What is expected — Take the data below and extract the lines from the one with "#166=CARTESIAN_POINT('',(0.05513,0.4819,4.065));" to the one with "#186=DIRECTION('',(0.,1.,0.));", inclusive, exactly as written.

--- --- ---

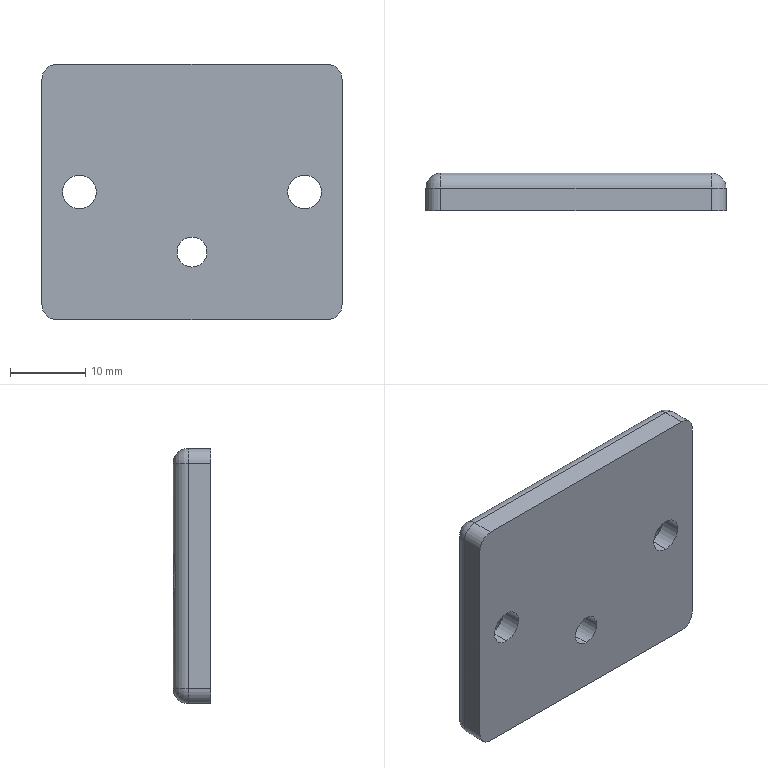Component | SolidWorks | 18ZTJ-NVT-01-006-1 | 1 solid | 28 faces | box 40 x 5 x 34 mm | volume 6347 mm3 | cylinder 14 | plane 6 | cone 4 | sphere 4 | commonest cylinder face diameters 4 x10 4.5 x4 | material #45
STEP:
#1=COLOUR_RGB('',0.7922,0.8196,0.9333);
#2=FILL_AREA_STYLE_COLOUR('',#1);
#3=FILL_AREA_STYLE('',(#2));
#4=SURFACE_STYLE_FILL_AREA(#3);
#5=SURFACE_SIDE_STYLE('',(#4));
#6=SURFACE_STYLE_USAGE(.BOTH.,#5);
#7=PRESENTATION_STYLE_ASSIGNMENT((#6));
#8=CARTESIAN_POINT('',(-0.5354,0.3728,3.583));
#9=VERTEX_POINT('',#8);
#10=CARTESIAN_POINT('',(-0.5354,0.3728,3.74));
#11=VERTEX_POINT('',#10);
#12=CARTESIAN_POINT('',(-0.5354,0.3728,3.661));
#13=DIRECTION('',(0.,1.,0.));
#14=DIRECTION('',(0.,0.,1.));
#15=AXIS2_PLACEMENT_3D('',#12,#13,#14);
#16=CIRCLE('',#15,0.07874);
#17=EDGE_CURVE('',#9,#11,#16,.T.);
#18=ORIENTED_EDGE('',*,*,#17,.F.);
#19=CARTESIAN_POINT('',(-0.5354,0.5697,3.583));
#20=VERTEX_POINT('',#19);
#21=CARTESIAN_POINT('',(-0.5354,0.5697,3.583));
#22=DIRECTION('',(0.,1.,0.));
#23=VECTOR('',#22,39.37);
#24=LINE('',#21,#23);
#25=EDGE_CURVE('',#9,#20,#24,.T.);
#26=ORIENTED_EDGE('',*,*,#25,.T.);
#27=CARTESIAN_POINT('',(-0.5354,0.5697,3.74));
#28=VERTEX_POINT('',#27);
#29=CARTESIAN_POINT('',(-0.5354,0.5697,3.661));
#30=DIRECTION('',(0.,1.,0.));
#31=DIRECTION('',(0.,0.,1.));
#32=AXIS2_PLACEMENT_3D('',#29,#30,#31);
#33=CIRCLE('',#32,0.07874);
#34=EDGE_CURVE('',#20,#28,#33,.T.);
#35=ORIENTED_EDGE('',*,*,#34,.T.);
#36=CARTESIAN_POINT('',(-0.5354,0.5697,3.74));
#37=DIRECTION('',(0.,1.,0.));
#38=VECTOR('',#37,39.37);
#39=LINE('',#36,#38);
#40=EDGE_CURVE('',#11,#28,#39,.T.);
#41=ORIENTED_EDGE('',*,*,#40,.F.);
#42=EDGE_LOOP('',(#18,#26,#35,#41));
#43=FACE_OUTER_BOUND('',#42,.T.);
#44=CARTESIAN_POINT('',(-0.5354,0.5697,3.661));
#45=DIRECTION('',(0.,1.,0.));
#46=DIRECTION('',(0.,0.,1.));
#47=AXIS2_PLACEMENT_3D('',#44,#45,#46);
#48=CYLINDRICAL_SURFACE('',#47,0.07874);
#49=ADVANCED_FACE('',(#43),#48,.F.);
#50=CARTESIAN_POINT('',(-1.126,0.4819,3.888));
#51=VERTEX_POINT('',#50);
#52=CARTESIAN_POINT('',(-1.126,0.4819,4.065));
#53=VERTEX_POINT('',#52);
#54=CARTESIAN_POINT('',(-1.126,0.4819,3.976));
#55=DIRECTION('',(0.,1.,0.));
#56=DIRECTION('',(0.,0.,1.));
#57=AXIS2_PLACEMENT_3D('',#54,#55,#56);
#58=CIRCLE('',#57,0.08858);
#59=EDGE_CURVE('',#51,#53,#58,.T.);
#60=ORIENTED_EDGE('',*,*,#59,.F.);
#61=CARTESIAN_POINT('',(-1.126,0.5697,3.8));
#62=VERTEX_POINT('',#61);
#63=CARTESIAN_POINT('',(-1.126,0.5697,3.8));
#64=DIRECTION('',(0.,0.7071,-0.7071));
#65=VECTOR('',#64,39.37);
#66=LINE('',#63,#65);
#67=EDGE_CURVE('',#51,#62,#66,.T.);
#68=ORIENTED_EDGE('',*,*,#67,.T.);
#69=CARTESIAN_POINT('',(-1.244,0.5697,3.845));
#70=VERTEX_POINT('',#69);
#71=CARTESIAN_POINT('',(-1.126,0.5697,3.976));
#72=DIRECTION('',(0.,1.,0.));
#73=DIRECTION('',(0.,0.,1.));
#74=AXIS2_PLACEMENT_3D('',#71,#72,#73);
#75=CIRCLE('',#74,0.1764);
#76=EDGE_CURVE('',#62,#70,#75,.T.);
#77=ORIENTED_EDGE('',*,*,#76,.T.);
#78=CARTESIAN_POINT('',(-1.244,0.5697,4.107));
#79=VERTEX_POINT('',#78);
#80=CARTESIAN_POINT('',(-1.244,0.5697,3.845));
#81=CARTESIAN_POINT('',(-1.249,0.5697,3.849));
#82=CARTESIAN_POINT('',(-1.253,0.5693,3.854));
#83=CARTESIAN_POINT('',(-1.26,0.5682,3.863));
#84=CARTESIAN_POINT('',(-1.263,0.5675,3.868));
#85=CARTESIAN_POINT('',(-1.268,0.5659,3.879));
#86=CARTESIAN_POINT('',(-1.271,0.565,3.884));
#87=CARTESIAN_POINT('',(-1.275,0.5633,3.895));
#88=CARTESIAN_POINT('',(-1.277,0.5624,3.901));
#89=CARTESIAN_POINT('',(-1.282,0.5599,3.917));
#90=CARTESIAN_POINT('',(-1.285,0.5585,3.929));
#91=CARTESIAN_POINT('',(-1.288,0.5565,3.953));
#92=CARTESIAN_POINT('',(-1.289,0.5559,3.964));
#93=CARTESIAN_POINT('',(-1.289,0.5559,3.988));
#94=CARTESIAN_POINT('',(-1.288,0.5565,4.));
#95=CARTESIAN_POINT('',(-1.285,0.5585,4.024));
#96=CARTESIAN_POINT('',(-1.282,0.5599,4.035));
#97=CARTESIAN_POINT('',(-1.277,0.5624,4.052));
#98=CARTESIAN_POINT('',(-1.275,0.5632,4.057));
#99=CARTESIAN_POINT('',(-1.271,0.565,4.068));
#100=CARTESIAN_POINT('',(-1.268,0.5659,4.074));
#101=CARTESIAN_POINT('',(-1.263,0.5675,4.084));
#102=CARTESIAN_POINT('',(-1.26,0.5682,4.089));
#103=CARTESIAN_POINT('',(-1.253,0.5693,4.099));
#104=CARTESIAN_POINT('',(-1.249,0.5697,4.103));
#105=CARTESIAN_POINT('',(-1.244,0.5697,4.107));
#106=B_SPLINE_CURVE_WITH_KNOTS('',3,(#80,#81,#82,#83,#84,#85,#86,#87,#88,#89,#90,#91,#92,#93,#94,#95,#96,#97,#98,#99,#100,#101,#102,#103,#104,#105),.UNSPECIFIED.,.F.,.F.,(4,2,2,2,2,2,2,2,2,2,2,2,4),(0.,0.000451,0.000902,0.001353,0.001804,0.002706,0.003608,0.00451,0.005412,0.005863,0.006314,0.006765,0.007216),.UNSPECIFIED.);
#107=EDGE_CURVE('',#70,#79,#106,.T.);
#108=ORIENTED_EDGE('',*,*,#107,.T.);
#109=CARTESIAN_POINT('',(-1.126,0.5697,4.153));
#110=VERTEX_POINT('',#109);
#111=CARTESIAN_POINT('',(-1.126,0.5697,3.976));
#112=DIRECTION('',(0.,1.,0.));
#113=DIRECTION('',(0.,0.,1.));
#114=AXIS2_PLACEMENT_3D('',#111,#112,#113);
#115=CIRCLE('',#114,0.1764);
#116=EDGE_CURVE('',#79,#110,#115,.T.);
#117=ORIENTED_EDGE('',*,*,#116,.T.);
#118=CARTESIAN_POINT('',(-1.126,0.5697,4.153));
#119=DIRECTION('',(0.,0.7071,0.7071));
#120=VECTOR('',#119,39.37);
#121=LINE('',#118,#120);
#122=EDGE_CURVE('',#53,#110,#121,.T.);
#123=ORIENTED_EDGE('',*,*,#122,.F.);
#124=EDGE_LOOP('',(#60,#68,#77,#108,#117,#123));
#125=FACE_OUTER_BOUND('',#124,.T.);
#126=CARTESIAN_POINT('',(-1.126,0.5697,3.976));
#127=DIRECTION('',(0.,1.,0.));
#128=DIRECTION('',(0.,0.,1.));
#129=AXIS2_PLACEMENT_3D('',#126,#127,#128);
#130=CONICAL_SURFACE('',#129,0.1764,0.7854);
#131=ADVANCED_FACE('',(#125),#130,.F.);
#132=CARTESIAN_POINT('',(-1.126,0.3728,3.888));
#133=VERTEX_POINT('',#132);
#134=CARTESIAN_POINT('',(-1.126,0.3728,4.065));
#135=VERTEX_POINT('',#134);
#136=CARTESIAN_POINT('',(-1.126,0.3728,3.976));
#137=DIRECTION('',(0.,1.,0.));
#138=DIRECTION('',(0.,0.,1.));
#139=AXIS2_PLACEMENT_3D('',#136,#137,#138);
#140=CIRCLE('',#139,0.08858);
#141=EDGE_CURVE('',#133,#135,#140,.T.);
#142=ORIENTED_EDGE('',*,*,#141,.F.);
#143=CARTESIAN_POINT('',(-1.126,0.5697,3.888));
#144=DIRECTION('',(0.,1.,0.));
#145=VECTOR('',#144,39.37);
#146=LINE('',#143,#145);
#147=EDGE_CURVE('',#133,#51,#146,.T.);
#148=ORIENTED_EDGE('',*,*,#147,.T.);
#149=ORIENTED_EDGE('',*,*,#59,.T.);
#150=CARTESIAN_POINT('',(-1.126,0.5697,4.065));
#151=DIRECTION('',(0.,1.,0.));
#152=VECTOR('',#151,39.37);
#153=LINE('',#150,#152);
#154=EDGE_CURVE('',#135,#53,#153,.T.);
#155=ORIENTED_EDGE('',*,*,#154,.F.);
#156=EDGE_LOOP('',(#142,#148,#149,#155));
#157=FACE_OUTER_BOUND('',#156,.T.);
#158=CARTESIAN_POINT('',(-1.126,0.5697,3.976));
#159=DIRECTION('',(0.,1.,0.));
#160=DIRECTION('',(0.,0.,1.));
#161=AXIS2_PLACEMENT_3D('',#158,#159,#160);
#162=CYLINDRICAL_SURFACE('',#161,0.08858);
#163=ADVANCED_FACE('',(#157),#162,.F.);
#164=CARTESIAN_POINT('',(0.05513,0.4819,3.888));
#165=VERTEX_POINT('',#164);
#166=CARTESIAN_POINT('',(0.05513,0.4819,4.065));
#167=VERTEX_POINT('',#166);
#168=CARTESIAN_POINT('',(0.05513,0.4819,3.976));
#169=DIRECTION('',(0.,1.,0.));
#170=DIRECTION('',(0.,0.,1.));
#171=AXIS2_PLACEMENT_3D('',#168,#169,#170);
#172=CIRCLE('',#171,0.08858);
#173=EDGE_CURVE('',#165,#167,#172,.T.);
#174=ORIENTED_EDGE('',*,*,#173,.F.);
#175=CARTESIAN_POINT('',(0.05513,0.5697,3.8));
#176=VERTEX_POINT('',#175);
#177=CARTESIAN_POINT('',(0.05513,0.5697,3.8));
#178=DIRECTION('',(0.,0.7071,-0.7071));
#179=VECTOR('',#178,39.37);
#180=LINE('',#177,#179);
#181=EDGE_CURVE('',#165,#176,#180,.T.);
#182=ORIENTED_EDGE('',*,*,#181,.T.);
#183=CARTESIAN_POINT('',(0.05513,0.5697,4.153));
#184=VERTEX_POINT('',#183);
#185=CARTESIAN_POINT('',(0.05513,0.5697,3.976));
#186=DIRECTION('',(0.,1.,0.));
#187=DIRECTION('',(0.,0.,1.));
#188=AXIS2_PLACEMENT_3D('',#185,#186,#187);
#189=CIRCLE('',#188,0.1764);
#190=EDGE_CURVE('',#176,#184,#189,.T.);
#191=ORIENTED_EDGE('',*,*,#190,.T.);
#192=CARTESIAN_POINT('',(0.05513,0.5697,4.153));
#193=DIRECTION('',(0.,0.7071,0.7071));
#194=VECTOR('',#193,39.37);
#195=LINE('',#192,#194);
#196=EDGE_CURVE('',#167,#184,#195,.T.);
#197=ORIENTED_EDGE('',*,*,#196,.F.);
#198=EDGE_LOOP('',(#174,#182,#191,#197));
#199=FACE_OUTER_BOUND('',#198,.T.);
#200=CARTESIAN_POINT('',(0.05513,0.5697,3.976));
#201=DIRECTION('',(0.,1.,0.));
#202=DIRECTION('',(0.,0.,1.));
#203=AXIS2_PLACEMENT_3D('',#200,#201,#202);
#204=CONICAL_SURFACE('',#203,0.1764,0.7854);
#205=ADVANCED_FACE('',(#199),#204,.F.);
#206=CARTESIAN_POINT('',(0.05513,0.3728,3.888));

--- --- ---

Response —
#166=CARTESIAN_POINT('',(0.05513,0.4819,4.065));
#167=VERTEX_POINT('',#166);
#168=CARTESIAN_POINT('',(0.05513,0.4819,3.976));
#169=DIRECTION('',(0.,1.,0.));
#170=DIRECTION('',(0.,0.,1.));
#171=AXIS2_PLACEMENT_3D('',#168,#169,#170);
#172=CIRCLE('',#171,0.08858);
#173=EDGE_CURVE('',#165,#167,#172,.T.);
#174=ORIENTED_EDGE('',*,*,#173,.F.);
#175=CARTESIAN_POINT('',(0.05513,0.5697,3.8));
#176=VERTEX_POINT('',#175);
#177=CARTESIAN_POINT('',(0.05513,0.5697,3.8));
#178=DIRECTION('',(0.,0.7071,-0.7071));
#179=VECTOR('',#178,39.37);
#180=LINE('',#177,#179);
#181=EDGE_CURVE('',#165,#176,#180,.T.);
#182=ORIENTED_EDGE('',*,*,#181,.T.);
#183=CARTESIAN_POINT('',(0.05513,0.5697,4.153));
#184=VERTEX_POINT('',#183);
#185=CARTESIAN_POINT('',(0.05513,0.5697,3.976));
#186=DIRECTION('',(0.,1.,0.));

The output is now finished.